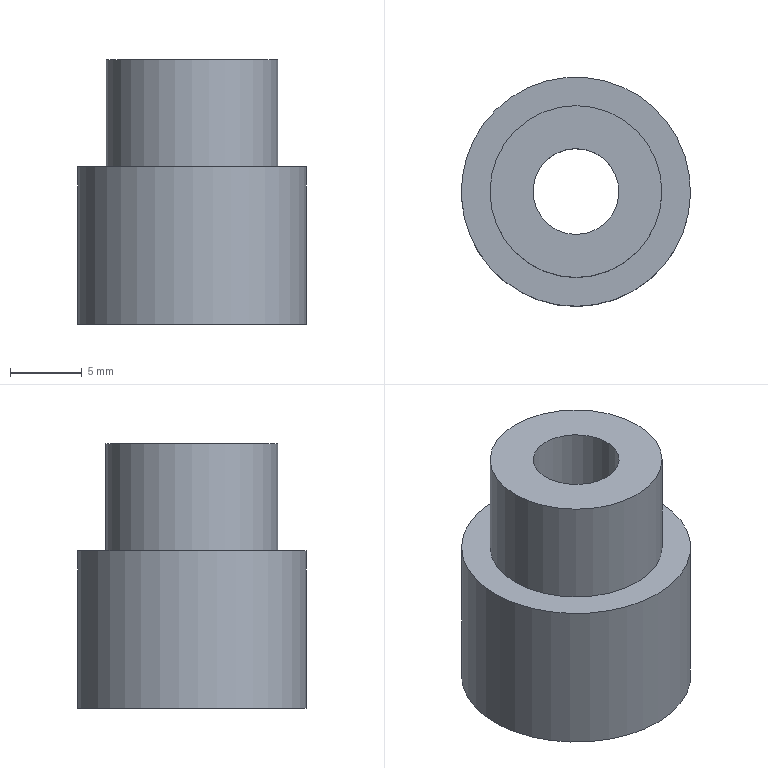Component | NX | 05C__27 | 1 solid | 8 faces | box 16 x 16 x 18.5 mm | volume 1590 mm3 | cylinder 4 | plane 3 | cone 1 | commonest cylinder face diameters 12 x2 6 x1 16 x1
STEP:
#1=CARTESIAN_POINT('',(0.,0.,0.));
#2=DIRECTION('',(0.,0.,1.));
#3=DIRECTION('',(1.,0.,0.));
#4=AXIS2_PLACEMENT_3D('',#1,#2,#3);
#5=CARTESIAN_POINT('',(73.251,108.441,194.432));
#6=VERTEX_POINT('',#5);
#7=CARTESIAN_POINT('',(76.022,109.59,194.432));
#8=DIRECTION('',(0.,0.,1.));
#9=DIRECTION('',(-0.9237,-0.383,0.));
#10=AXIS2_PLACEMENT_3D('',#7,#8,#9);
#11=CIRCLE('',#10,3.);
#12=CARTESIAN_POINT('',(76.022,109.59,194.432));
#13=DIRECTION('',(0.,0.,1.));
#14=DIRECTION('',(-0.9237,-0.383,0.));
#15=AXIS2_PLACEMENT_3D('',#12,#13,#14);
#16=CYLINDRICAL_SURFACE('',#15,3.);
#17=CARTESIAN_POINT('',(0.,0.));
#18=DIRECTION('',(1.,0.));
#19=VECTOR('',#18,1.);
#20=LINE('',#17,#19);
#21=(GEOMETRIC_REPRESENTATION_CONTEXT(2)PARAMETRIC_REPRESENTATION_CONTEXT()REPRESENTATION_CONTEXT('',''));
#22=DEFINITIONAL_REPRESENTATION('',(#20),#21);
#23=PCURVE('',#16,#22);
#24=CARTESIAN_POINT('',(77.171,106.819,194.432));
#25=DIRECTION('',(0.,0.,1.));
#26=DIRECTION('',(-0.9237,-0.383,0.));
#27=AXIS2_PLACEMENT_3D('',#24,#25,#26);
#28=PLANE('',#27);
#29=CARTESIAN_POINT('',(0.,-3.));
#30=DIRECTION('',(1.,-0.));
#31=AXIS2_PLACEMENT_2D('',#29,#30);
#32=CIRCLE('',#31,3.);
#33=(GEOMETRIC_REPRESENTATION_CONTEXT(2)PARAMETRIC_REPRESENTATION_CONTEXT()REPRESENTATION_CONTEXT('',''));
#34=DEFINITIONAL_REPRESENTATION('',(#32),#33);
#35=PCURVE('',#28,#34);
#36=SURFACE_CURVE('',#11,(#23,#35),.PCURVE_S1.);
#37=EDGE_CURVE('',#6,#6,#36,.T.);
#38=ORIENTED_EDGE('',*,*,#37,.F.);
#39=CARTESIAN_POINT('',(73.251,108.441,187.932));
#40=VERTEX_POINT('',#39);
#41=CARTESIAN_POINT('',(73.251,108.441,187.932));
#42=CARTESIAN_POINT('',(73.251,108.441,194.432));
#43=B_SPLINE_CURVE_WITH_KNOTS('',1,(#41,#42),.UNSPECIFIED.,.F.,.F.,(2,2),(-6.5,0.),.PIECEWISE_BEZIER_KNOTS.);
#44=CARTESIAN_POINT('',(0.,0.));
#45=DIRECTION('',(0.,1.));
#46=VECTOR('',#45,1.);
#47=LINE('',#44,#46);
#48=(GEOMETRIC_REPRESENTATION_CONTEXT(2)PARAMETRIC_REPRESENTATION_CONTEXT()REPRESENTATION_CONTEXT('',''));
#49=DEFINITIONAL_REPRESENTATION('',(#47),#48);
#50=PCURVE('',#16,#49);
#51=CARTESIAN_POINT('',(6.283,0.));
#52=DIRECTION('',(0.,1.));
#53=VECTOR('',#52,1.);
#54=LINE('',#51,#53);
#55=(GEOMETRIC_REPRESENTATION_CONTEXT(2)PARAMETRIC_REPRESENTATION_CONTEXT()REPRESENTATION_CONTEXT('',''));
#56=DEFINITIONAL_REPRESENTATION('',(#54),#55);
#57=PCURVE('',#16,#56);
#58=SEAM_CURVE('',#43,(#50,#57),.PCURVE_S1.);
#59=EDGE_CURVE('',#40,#6,#58,.T.);
#60=ORIENTED_EDGE('',*,*,#59,.F.);
#61=CARTESIAN_POINT('',(76.022,109.59,187.932));
#62=DIRECTION('',(0.,0.,1.));
#63=DIRECTION('',(-0.9237,-0.383,0.));
#64=AXIS2_PLACEMENT_3D('',#61,#62,#63);
#65=CIRCLE('',#64,3.);
#66=CARTESIAN_POINT('',(0.,-6.5));
#67=DIRECTION('',(1.,0.));
#68=VECTOR('',#67,1.);
#69=LINE('',#66,#68);
#70=(GEOMETRIC_REPRESENTATION_CONTEXT(2)PARAMETRIC_REPRESENTATION_CONTEXT()REPRESENTATION_CONTEXT('',''));
#71=DEFINITIONAL_REPRESENTATION('',(#69),#70);
#72=PCURVE('',#16,#71);
#73=CARTESIAN_POINT('',(76.022,109.59,186.432));
#74=DIRECTION('',(0.,0.,-1.));
#75=DIRECTION('',(0.9237,0.383,0.));
#76=AXIS2_PLACEMENT_3D('',#73,#74,#75);
#77=CONICAL_SURFACE('',#76,6.,1.107);
#78=CARTESIAN_POINT('',(9.425,-1.5));
#79=DIRECTION('',(-1.,0.));
#80=VECTOR('',#79,1.);
#81=LINE('',#78,#80);
#82=(GEOMETRIC_REPRESENTATION_CONTEXT(2)PARAMETRIC_REPRESENTATION_CONTEXT()REPRESENTATION_CONTEXT('',''));
#83=DEFINITIONAL_REPRESENTATION('',(#81),#82);
#84=PCURVE('',#77,#83);
#85=SURFACE_CURVE('',#65,(#72,#84),.PCURVE_S1.);
#86=EDGE_CURVE('',#40,#40,#85,.T.);
#87=ORIENTED_EDGE('',*,*,#86,.T.);
#88=ORIENTED_EDGE('',*,*,#59,.T.);
#89=EDGE_LOOP('',(#38,#60,#87,#88));
#90=FACE_BOUND('',#89,.F.);
#91=ADVANCED_FACE('',(#90),#16,.F.);
#92=CARTESIAN_POINT('',(70.48,107.292,194.432));
#93=VERTEX_POINT('',#92);
#94=CARTESIAN_POINT('',(76.022,109.59,194.432));
#95=DIRECTION('',(0.,0.,1.));
#96=DIRECTION('',(-0.9237,-0.383,0.));
#97=AXIS2_PLACEMENT_3D('',#94,#95,#96);
#98=CIRCLE('',#97,6.);
#99=CARTESIAN_POINT('',(0.,-3.));
#100=DIRECTION('',(1.,0.));
#101=AXIS2_PLACEMENT_2D('',#99,#100);
#102=CIRCLE('',#101,6.);
#103=(GEOMETRIC_REPRESENTATION_CONTEXT(2)PARAMETRIC_REPRESENTATION_CONTEXT()REPRESENTATION_CONTEXT('',''));
#104=DEFINITIONAL_REPRESENTATION('',(#102),#103);
#105=PCURVE('',#28,#104);
#106=CARTESIAN_POINT('',(76.022,109.59,194.432));
#107=DIRECTION('',(0.,0.,1.));
#108=DIRECTION('',(-0.9237,-0.383,0.));
#109=AXIS2_PLACEMENT_3D('',#106,#107,#108);
#110=CYLINDRICAL_SURFACE('',#109,6.);
#111=CARTESIAN_POINT('',(0.,0.));
#112=DIRECTION('',(1.,0.));
#113=VECTOR('',#112,1.);
#114=LINE('',#111,#113);
#115=(GEOMETRIC_REPRESENTATION_CONTEXT(2)PARAMETRIC_REPRESENTATION_CONTEXT()REPRESENTATION_CONTEXT('',''));
#116=DEFINITIONAL_REPRESENTATION('',(#114),#115);
#117=PCURVE('',#110,#116);
#118=SURFACE_CURVE('',#98,(#105,#117),.PCURVE_S1.);
#119=EDGE_CURVE('',#93,#93,#118,.T.);
#120=ORIENTED_EDGE('',*,*,#119,.T.);
#121=EDGE_LOOP('',(#120));
#122=FACE_BOUND('',#121,.T.);
#123=ORIENTED_EDGE('',*,*,#37,.F.);
#124=EDGE_LOOP('',(#123));
#125=FACE_BOUND('',#124,.T.);
#126=ADVANCED_FACE('',(#122,#125),#28,.T.);
#127=CARTESIAN_POINT('',(70.48,107.292,186.932));
#128=VERTEX_POINT('',#127);
#129=CARTESIAN_POINT('',(76.022,109.59,186.932));
#130=DIRECTION('',(0.,0.,1.));
#131=DIRECTION('',(-0.9237,-0.383,0.));
#132=AXIS2_PLACEMENT_3D('',#129,#130,#131);
#133=CIRCLE('',#132,6.);
#134=CARTESIAN_POINT('',(0.,-7.5));
#135=DIRECTION('',(1.,0.));
#136=VECTOR('',#135,1.);
#137=LINE('',#134,#136);
#138=(GEOMETRIC_REPRESENTATION_CONTEXT(2)PARAMETRIC_REPRESENTATION_CONTEXT()REPRESENTATION_CONTEXT('',''));
#139=DEFINITIONAL_REPRESENTATION('',(#137),#138);
#140=PCURVE('',#110,#139);
#141=CARTESIAN_POINT('',(78.32,104.048,186.932));
#142=DIRECTION('',(0.,0.,1.));
#143=DIRECTION('',(-0.9237,-0.383,0.));
#144=AXIS2_PLACEMENT_3D('',#141,#142,#143);
#145=PLANE('',#144);
#146=CARTESIAN_POINT('',(-0.,-6.));
#147=DIRECTION('',(1.,-0.));
#148=AXIS2_PLACEMENT_2D('',#146,#147);
#149=CIRCLE('',#148,6.);
#150=(GEOMETRIC_REPRESENTATION_CONTEXT(2)PARAMETRIC_REPRESENTATION_CONTEXT()REPRESENTATION_CONTEXT('',''));
#151=DEFINITIONAL_REPRESENTATION('',(#149),#150);
#152=PCURVE('',#145,#151);
#153=SURFACE_CURVE('',#133,(#140,#152),.PCURVE_S1.);
#154=EDGE_CURVE('',#128,#128,#153,.T.);
#155=ORIENTED_EDGE('',*,*,#154,.T.);
#156=CARTESIAN_POINT('',(70.48,107.292,186.932));
#157=CARTESIAN_POINT('',(70.48,107.292,194.432));
#158=B_SPLINE_CURVE_WITH_KNOTS('',1,(#156,#157),.UNSPECIFIED.,.F.,.F.,(2,2),(-7.5,0.),.PIECEWISE_BEZIER_KNOTS.);
#159=CARTESIAN_POINT('',(6.283,0.));
#160=DIRECTION('',(0.,1.));
#161=VECTOR('',#160,1.);
#162=LINE('',#159,#161);
#163=(GEOMETRIC_REPRESENTATION_CONTEXT(2)PARAMETRIC_REPRESENTATION_CONTEXT()REPRESENTATION_CONTEXT('',''));
#164=DEFINITIONAL_REPRESENTATION('',(#162),#163);
#165=PCURVE('',#110,#164);
#166=CARTESIAN_POINT('',(0.,0.));
#167=DIRECTION('',(0.,1.));
#168=VECTOR('',#167,1.);
#169=LINE('',#166,#168);
#170=(GEOMETRIC_REPRESENTATION_CONTEXT(2)PARAMETRIC_REPRESENTATION_CONTEXT()REPRESENTATION_CONTEXT('',''));
#171=DEFINITIONAL_REPRESENTATION('',(#169),#170);
#172=PCURVE('',#110,#171);
#173=SEAM_CURVE('',#158,(#165,#172),.PCURVE_S1.);
#174=EDGE_CURVE('',#128,#93,#173,.T.);
#175=ORIENTED_EDGE('',*,*,#174,.T.);
#176=ORIENTED_EDGE('',*,*,#119,.F.);
#177=ORIENTED_EDGE('',*,*,#174,.F.);
#178=EDGE_LOOP('',(#155,#175,#176,#177));
#179=FACE_BOUND('',#178,.T.);
#180=ADVANCED_FACE('',(#179),#110,.T.);
#181=CARTESIAN_POINT('',(68.632,106.526,186.932));
#182=VERTEX_POINT('',#181);
#183=CARTESIAN_POINT('',(76.022,109.59,186.932));
#184=DIRECTION('',(0.,0.,1.));
#185=DIRECTION('',(-0.9237,-0.383,0.));
#186=AXIS2_PLACEMENT_3D('',#183,#184,#185);
#187=CIRCLE('',#186,8.);
#188=CARTESIAN_POINT('',(-0.,-6.));
#189=DIRECTION('',(1.,-0.));
#190=AXIS2_PLACEMENT_2D('',#188,#189);
#191=CIRCLE('',#190,8.);
#192=(GEOMETRIC_REPRESENTATION_CONTEXT(2)PARAMETRIC_REPRESENTATION_CONTEXT()REPRESENTATION_CONTEXT('',''));
#193=DEFINITIONAL_REPRESENTATION('',(#191),#192);
#194=PCURVE('',#145,#193);
#195=CARTESIAN_POINT('',(76.022,109.59,194.432));
#196=DIRECTION('',(0.,0.,1.));
#197=DIRECTION('',(-0.9237,-0.383,0.));
#198=AXIS2_PLACEMENT_3D('',#195,#196,#197);
#199=CYLINDRICAL_SURFACE('',#198,8.);
#200=CARTESIAN_POINT('',(0.,-7.5));
#201=DIRECTION('',(1.,0.));
#202=VECTOR('',#201,1.);
#203=LINE('',#200,#202);
#204=(GEOMETRIC_REPRESENTATION_CONTEXT(2)PARAMETRIC_REPRESENTATION_CONTEXT()REPRESENTATION_CONTEXT('',''));
#205=DEFINITIONAL_REPRESENTATION('',(#203),#204);
#206=PCURVE('',#199,#205);
#207=SURFACE_CURVE('',#187,(#194,#206),.PCURVE_S1.);
#208=EDGE_CURVE('',#182,#182,#207,.T.);
#209=ORIENTED_EDGE('',*,*,#208,.T.);
#210=EDGE_LOOP('',(#209));
#211=FACE_BOUND('',#210,.T.);
#212=ORIENTED_EDGE('',*,*,#154,.F.);
#213=EDGE_LOOP('',(#212));
#214=FACE_BOUND('',#213,.T.);
#215=ADVANCED_FACE('',(#211,#214),#145,.T.);
#216=CARTESIAN_POINT('',(68.632,106.526,175.932));
#217=VERTEX_POINT('',#216);
#218=CARTESIAN_POINT('',(76.022,109.59,175.932));
#219=DIRECTION('',(0.,0.,1.));
#220=DIRECTION('',(-0.9237,-0.383,0.));
#221=AXIS2_PLACEMENT_3D('',#218,#219,#220);
#222=CIRCLE('',#221,8.);
#223=CARTESIAN_POINT('',(0.,-18.5));
#224=DIRECTION('',(1.,0.));
#225=VECTOR('',#224,1.);
#226=LINE('',#223,#225);
#227=(GEOMETRIC_REPRESENTATION_CONTEXT(2)PARAMETRIC_REPRESENTATION_CONTEXT()REPRESENTATION_CONTEXT('',''));
#228=DEFINITIONAL_REPRESENTATION('',(#226),#227);
#229=PCURVE('',#199,#228);
#230=CARTESIAN_POINT('',(79.087,102.2,175.932));
#231=DIRECTION('',(0.,0.,-1.));
#232=DIRECTION('',(0.9237,0.383,0.));
#233=AXIS2_PLACEMENT_3D('',#230,#231,#232);
#234=PLANE('',#233);
#235=CARTESIAN_POINT('',(-8.,-8.));
#236=CARTESIAN_POINT('',(-8.,5.856));
#237=CARTESIAN_POINT('',(4.,-1.072));
#238=CARTESIAN_POINT('',(16.,-8.));
#239=CARTESIAN_POINT('',(4.,-14.928));
#240=CARTESIAN_POINT('',(-8.,-21.856));
#241=CARTESIAN_POINT('',(-8.,-8.));
#242=(BOUNDED_CURVE()B_SPLINE_CURVE(2,(#235,#236,#237,#238,#239,#240,#241),.UNSPECIFIED.,.T.,.F.)B_SPLINE_CURVE_WITH_KNOTS((1,2,2,2,2,1),(-2.094,0.,2.094,4.189,6.283,8.378),.UNSPECIFIED.)CURVE()GEOMETRIC_REPRESENTATION_ITEM()RATIONAL_B_SPLINE_CURVE((1.,0.5,1.,0.5,1.,0.5,1.))REPRESENTATION_ITEM(''));
#243=(GEOMETRIC_REPRESENTATION_CONTEXT(2)PARAMETRIC_REPRESENTATION_CONTEXT()REPRESENTATION_CONTEXT('',''));
#244=DEFINITIONAL_REPRESENTATION('',(#242),#243);
#245=PCURVE('',#234,#244);
#246=SURFACE_CURVE('',#222,(#229,#245),.PCURVE_S1.);
#247=EDGE_CURVE('',#217,#217,#246,.T.);
#248=ORIENTED_EDGE('',*,*,#247,.T.);
#249=CARTESIAN_POINT('',(68.632,106.526,175.932));
#250=CARTESIAN_POINT('',(68.632,106.526,186.932));
#251=B_SPLINE_CURVE_WITH_KNOTS('',1,(#249,#250),.UNSPECIFIED.,.F.,.F.,(2,2),(-18.5,-7.5),.PIECEWISE_BEZIER_KNOTS.);
#252=CARTESIAN_POINT('',(6.283,0.));
#253=DIRECTION('',(0.,1.));
#254=VECTOR('',#253,1.);
#255=LINE('',#252,#254);
#256=(GEOMETRIC_REPRESENTATION_CONTEXT(2)PARAMETRIC_REPRESENTATION_CONTEXT()REPRESENTATION_CONTEXT('',''));
#257=DEFINITIONAL_REPRESENTATION('',(#255),#256);
#258=PCURVE('',#199,#257);
#259=CARTESIAN_POINT('',(0.,0.));
#260=DIRECTION('',(0.,1.));
#261=VECTOR('',#260,1.);
#262=LINE('',#259,#261);
#263=(GEOMETRIC_REPRESENTATION_CONTEXT(2)PARAMETRIC_REPRESENTATION_CONTEXT()REPRESENTATION_CONTEXT('',''));
#264=DEFINITIONAL_REPRESENTATION('',(#262),#263);
#265=PCURVE('',#199,#264);
#266=SEAM_CURVE('',#251,(#258,#265),.PCURVE_S1.);
#267=EDGE_CURVE('',#217,#182,#266,.T.);
#268=ORIENTED_EDGE('',*,*,#267,.T.);
#269=ORIENTED_EDGE('',*,*,#208,.F.);
#270=ORIENTED_EDGE('',*,*,#267,.F.);
#271=EDGE_LOOP('',(#248,#268,#269,#270));
#272=FACE_BOUND('',#271,.T.);
#273=ADVANCED_FACE('',(#272),#199,.T.);
#274=CARTESIAN_POINT('',(70.48,107.292,175.932));
#275=VERTEX_POINT('',#274);
#276=CARTESIAN_POINT('',(76.022,109.59,175.932));
#277=DIRECTION('',(0.,0.,1.));
#278=DIRECTION('',(-0.9237,-0.383,0.));
#279=AXIS2_PLACEMENT_3D('',#276,#277,#278);
#280=CIRCLE('',#279,6.);
#281=CARTESIAN_POINT('',(-6.,-8.));
#282=CARTESIAN_POINT('',(-6.,2.392));
#283=CARTESIAN_POINT('',(3.,-2.804));
#284=CARTESIAN_POINT('',(12.,-8.));
#285=CARTESIAN_POINT('',(3.,-13.196));
#286=CARTESIAN_POINT('',(-6.,-18.392));
#287=CARTESIAN_POINT('',(-6.,-8.));
#288=(BOUNDED_CURVE()B_SPLINE_CURVE(2,(#281,#282,#283,#284,#285,#286,#287),.UNSPECIFIED.,.T.,.F.)B_SPLINE_CURVE_WITH_KNOTS((1,2,2,2,2,1),(-2.094,0.,2.094,4.189,6.283,8.378),.UNSPECIFIED.)CURVE()GEOMETRIC_REPRESENTATION_ITEM()RATIONAL_B_SPLINE_CURVE((1.,0.5,1.,0.5,1.,0.5,1.))REPRESENTATION_ITEM(''));
#289=(GEOMETRIC_REPRESENTATION_CONTEXT(2)PARAMETRIC_REPRESENTATION_CONTEXT()REPRESENTATION_CONTEXT('',''));
#290=DEFINITIONAL_REPRESENTATION('',(#288),#289);
#291=PCURVE('',#234,#290);
#292=CARTESIAN_POINT('',(76.022,109.59,194.432));
#293=DIRECTION('',(0.,0.,1.));
#294=DIRECTION('',(-0.9237,-0.383,0.));
#295=AXIS2_PLACEMENT_3D('',#292,#293,#294);
#296=CYLINDRICAL_SURFACE('',#295,6.);
#297=CARTESIAN_POINT('',(0.,-18.5));
#298=DIRECTION('',(1.,0.));
#299=VECTOR('',#298,1.);
#300=LINE('',#297,#299);
#301=(GEOMETRIC_REPRESENTATION_CONTEXT(2)PARAMETRIC_REPRESENTATION_CONTEXT()REPRESENTATION_CONTEXT('',''));
#302=DEFINITIONAL_REPRESENTATION('',(#300),#301);
#303=PCURVE('',#296,#302);
#304=SURFACE_CURVE('',#280,(#291,#303),.PCURVE_S1.);
#305=EDGE_CURVE('',#275,#275,#304,.T.);
#306=ORIENTED_EDGE('',*,*,#305,.T.);
#307=EDGE_LOOP('',(#306));
#308=FACE_BOUND('',#307,.T.);
#309=ORIENTED_EDGE('',*,*,#247,.F.);
#310=EDGE_LOOP('',(#309));
#311=FACE_BOUND('',#310,.T.);
#312=ADVANCED_FACE('',(#308,#311),#234,.T.);
#313=CARTESIAN_POINT('',(70.48,107.292,186.432));
#314=VERTEX_POINT('',#313);
#315=CARTESIAN_POINT('',(76.022,109.59,186.432));
#316=DIRECTION('',(0.,0.,1.));
#317=DIRECTION('',(-0.9237,-0.383,0.));
#318=AXIS2_PLACEMENT_3D('',#315,#316,#317);
#319=CIRCLE('',#318,6.);
#320=CARTESIAN_POINT('',(0.,-8.));
#321=DIRECTION('',(1.,0.));
#322=VECTOR('',#321,1.);
#323=LINE('',#320,#322);
#324=(GEOMETRIC_REPRESENTATION_CONTEXT(2)PARAMETRIC_REPRESENTATION_CONTEXT()REPRESENTATION_CONTEXT('',''));
#325=DEFINITIONAL_REPRESENTATION('',(#323),#324);
#326=PCURVE('',#296,#325);
#327=CARTESIAN_POINT('',(9.425,0.));
#328=DIRECTION('',(-1.,0.));
#329=VECTOR('',#328,1.);
#330=LINE('',#327,#329);
#331=(GEOMETRIC_REPRESENTATION_CONTEXT(2)PARAMETRIC_REPRESENTATION_CONTEXT()REPRESENTATION_CONTEXT('',''));
#332=DEFINITIONAL_REPRESENTATION('',(#330),#331);
#333=PCURVE('',#77,#332);
#334=SURFACE_CURVE('',#319,(#326,#333),.PCURVE_S1.);
#335=EDGE_CURVE('',#314,#314,#334,.T.);
#336=ORIENTED_EDGE('',*,*,#335,.F.);
#337=CARTESIAN_POINT('',(70.48,107.292,175.932));
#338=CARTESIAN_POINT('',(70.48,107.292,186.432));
* * * * * * * * *
▶ [YOUR OBJECTIVE]
Look above for the line holding "#308=FACE_BOUND('',#307,.T.);". Print it and every line after it, exactly, through the line holding "#323=LINE('',#320,#322);".

▶ [EXERCISE RESPONSE]
#308=FACE_BOUND('',#307,.T.);
#309=ORIENTED_EDGE('',*,*,#247,.F.);
#310=EDGE_LOOP('',(#309));
#311=FACE_BOUND('',#310,.T.);
#312=ADVANCED_FACE('',(#308,#311),#234,.T.);
#313=CARTESIAN_POINT('',(70.48,107.292,186.432));
#314=VERTEX_POINT('',#313);
#315=CARTESIAN_POINT('',(76.022,109.59,186.432));
#316=DIRECTION('',(0.,0.,1.));
#317=DIRECTION('',(-0.9237,-0.383,0.));
#318=AXIS2_PLACEMENT_3D('',#315,#316,#317);
#319=CIRCLE('',#318,6.);
#320=CARTESIAN_POINT('',(0.,-8.));
#321=DIRECTION('',(1.,0.));
#322=VECTOR('',#321,1.);
#323=LINE('',#320,#322);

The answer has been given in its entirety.